**PROBLEM DETAILS**
Report, from the records below, every line where the word "subcontext" appears.

** Opening MATERIAL FOR THIS EXERCISE block **

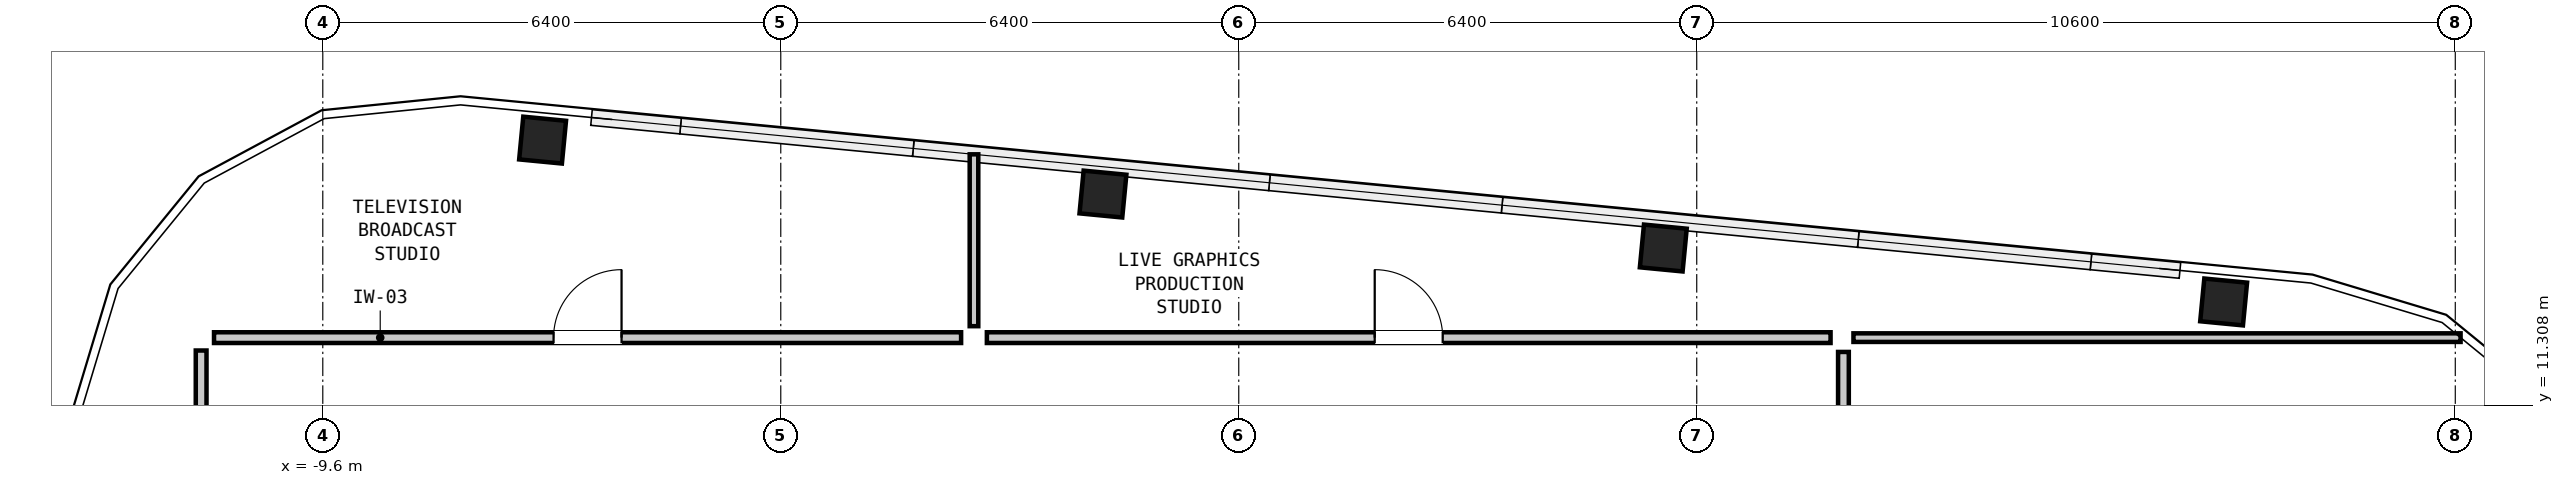
"""IFC4 building model, lengths in metres.
Left out: names, types, materials, properties, quantities, classifications, styles, units other than length and angle.
Written with IfcOpenShell. Run it as: python <this file> out.ifc"""

import sys

from ifc_helpers import new_model, si_unit, direction, frame, frame_2d, origin, origin_2d, place, context, subcontext, project, spatial, rectangle, hollow_rectangle, extrude, element, fill, save


model = new_model("IFC4")
c1 = context("Model", 3, precision=1e-05, world=origin(), true_north=direction((0.0, 1.0)))
c2 = subcontext(c1, "Body", "Model", "MODEL_VIEW")
j1 = project(units=[si_unit("LENGTHUNIT", "METRE"), si_unit("PLANEANGLEUNIT", "RADIAN")], contexts=[c1])
p1 = place(None, origin())
s1 = spatial("IfcSite", under=j1, at=p1, CompositionType="ELEMENT")
p2 = place(p1, origin())
s2 = spatial("IfcBuilding", under=s1, at=p2, CompositionType="ELEMENT")
p3 = place(p2, frame((0.0, 0.0, 245.9)))
s3 = spatial("IfcBuildingStorey", under=s2, at=p3, CompositionType="ELEMENT", Elevation=245.9)
for number, where, z_axis, x_axis in (
    (1, (16.963, 12.749, 0.0), (0.0, 0.0, 1.0), (0.995, -0.096, 0.0)),
    (2, (9.133, 13.502, 0.0), (0.0, 0.0, 1.0), (0.995, -0.096, 0.0)),
    (3, (1.302, 14.256, 0.0), (0.0, 0.0, 1.0), (0.995, -0.096, 0.0)),
    (4, (-6.528, 15.01, 0.0), (0.0, 0.0, 1.0), (0.995, -0.096, 0.0)),
):
    element("IfcColumn", number, at=place(p3, frame(where, z_axis=z_axis, x_axis=x_axis)), inside=s3, PredefinedType="COLUMN", context=c2, shape_type="SweptSolid", body=[
        extrude(hollow_rectangle(XDim=0.6, YDim=0.6, WallThickness=0.04, at=origin_2d()), origin(), (0.0, 0.0, 1.0), 3.05),
    ])
p4 = place(p3, frame((11.79, 12.25, 0.0), z_axis=(0.0, 0.0, 1.0), x_axis=(1.0, 0.0, 0.0)))
e5 = element("IfcWall", 5, at=p4, inside=s3, PredefinedType="PARTITIONING", context=c2, shape_type="SweptSolid", body=[
    extrude(rectangle(XDim=8.484, YDim=0.12, at=frame_2d((4.242, 0.0))), origin(), (0.0, 0.0, 1.0), 2.86),
])
p5 = place(p3, frame((-0.5, 12.41, 0.0), z_axis=(0.0, 0.0, 1.0), x_axis=(0.0, 1.0, 0.0)))
e6 = element("IfcWall", 6, at=p5, inside=s3, PredefinedType="PARTITIONING", context=c2, shape_type="SweptSolid", body=[
    extrude(rectangle(XDim=2.402, YDim=0.12, at=frame_2d((1.201, 0.0))), origin(), (0.0, 0.0, 1.0), 2.381),
])
p6 = place(p3, frame((-11.12, 12.25, 0.0), z_axis=(0.0, 0.0, 1.0), x_axis=(1.0, 0.0, 0.0)))
e7 = element("IfcWall", 7, at=p6, inside=s3, PredefinedType="PARTITIONING", context=c2, shape_type="SweptSolid", body=[
    extrude(rectangle(XDim=10.44, YDim=0.15, at=frame_2d((5.22, 0.0))), origin(), (0.0, 0.0, 1.0), 2.86),
])
p7 = place(p6, frame((4.745, 0.0, 0.0)))
e8 = element("IfcOpeningElement", 8, at=p7, cuts=e7, PredefinedType="OPENING", context=c2, shape_type="SweptSolid", body=[
    extrude(rectangle(XDim=0.95, YDim=2.1, at=frame_2d((0.475, 1.05))), frame((0.0, 0.087, 0.0), z_axis=(0.0, -1.0, 0.0), x_axis=(1.0, 0.0, 0.0)), (0.0, 0.0, 1.0), 0.174),
])
p8 = place(p3, frame((-0.32, 12.25, 0.0), z_axis=(0.0, 0.0, 1.0), x_axis=(1.0, 0.0, 0.0)))
e9 = element("IfcWall", 9, at=p8, inside=s3, PredefinedType="PARTITIONING", context=c2, shape_type="SweptSolid", body=[
    extrude(rectangle(XDim=11.79, YDim=0.15, at=frame_2d((5.895, 0.0))), origin(), (0.0, 0.0, 1.0), 2.86),
])
p9 = place(p8, frame((5.42, 0.0, 0.0)))
e10 = element("IfcOpeningElement", 10, at=p9, cuts=e9, PredefinedType="OPENING", context=c2, shape_type="SweptSolid", body=[
    extrude(rectangle(XDim=0.95, YDim=2.1, at=frame_2d((0.475, 1.05))), frame((0.0, 0.087, 0.0), z_axis=(0.0, -1.0, 0.0), x_axis=(1.0, 0.0, 0.0)), (0.0, 0.0, 1.0), 0.174),
])
p10 = place(p3, frame((-11.3, 12.07, 0.0), z_axis=(0.0, 0.0, 1.0), x_axis=(0.0, -1.0, 0.0)))
e11 = element("IfcWall", 11, at=p10, inside=s3, PredefinedType="PARTITIONING", context=c2, shape_type="SweptSolid", body=[
    extrude(rectangle(XDim=22.94, YDim=0.15, at=frame_2d((11.47, 0.0))), origin(), (0.0, 0.0, 1.0), 2.86),
])
p11 = place(p10, frame((19.253, 0.0, 0.0)))
e12 = element("IfcOpeningElement", 12, at=p11, cuts=e11, PredefinedType="OPENING", context=c2, shape_type="SweptSolid", body=[
    extrude(rectangle(XDim=0.95, YDim=2.1, at=frame_2d((0.475, 1.05))), frame((0.0, 0.087, 0.0), z_axis=(0.0, -1.0, 0.0), x_axis=(1.0, 0.0, 0.0)), (0.0, 0.0, 1.0), 0.174),
])
p12 = place(p3, frame((11.65, 3.8, 0.0), z_axis=(0.0, 0.0, 1.0), x_axis=(0.0, 1.0, 0.0)))
e13 = element("IfcWall", 13, at=p12, inside=s3, PredefinedType="PARTITIONING", context=c2, shape_type="SweptSolid", body=[
    extrude(rectangle(XDim=8.25, YDim=0.15, at=frame_2d((4.125, 0.0))), origin(), (0.0, 0.0, 1.0), 2.86),
])
p13 = place(p12, frame((3.65, 0.0, 0.0)))
e14 = element("IfcOpeningElement", 14, at=p13, cuts=e13, PredefinedType="OPENING", context=c2, shape_type="SweptSolid", body=[
    extrude(rectangle(XDim=0.95, YDim=2.1, at=frame_2d((0.475, 1.05))), frame((0.0, 0.087, 0.0), z_axis=(0.0, -1.0, 0.0), x_axis=(1.0, 0.0, 0.0)), (0.0, 0.0, 1.0), 0.174),
])
p14 = place(p7, origin())
e15 = element("IfcDoor", 15, at=p14, inside=s3, OperationType="SINGLE_SWING_RIGHT", PredefinedType="DOOR", context=c2, shape_type="SweptSolid", body=[
    extrude(rectangle(XDim=0.95, YDim=2.1, at=frame_2d((0.475, 1.05))), frame((0.0, 0.025, 0.0), z_axis=(0.0, -1.0, 0.0), x_axis=(1.0, 0.0, 0.0)), (0.0, 0.0, 1.0), 0.05),
])
fill(e8, e15)
p15 = place(p9, origin())
e16 = element("IfcDoor", 16, at=p15, inside=s3, OperationType="SINGLE_SWING_LEFT", PredefinedType="DOOR", context=c2, shape_type="SweptSolid", body=[
    extrude(rectangle(XDim=0.95, YDim=2.1, at=frame_2d((0.475, 1.05))), frame((0.0, 0.025, 0.0), z_axis=(0.0, -1.0, 0.0), x_axis=(1.0, 0.0, 0.0)), (0.0, 0.0, 1.0), 0.05),
])
fill(e10, e16)
save(model, sys.argv[1])

** Closing MATERIAL FOR THIS EXERCISE block **

**SOLUTION TO THE EXERCISE**
from ifc_helpers import new_model, si_unit, direction, frame, frame_2d, origin, origin_2d, place, context, subcontext, project, spatial, rectangle, hollow_rectangle, extrude, element, fill, save
c2 = subcontext(c1, "Body", "Model", "MODEL_VIEW")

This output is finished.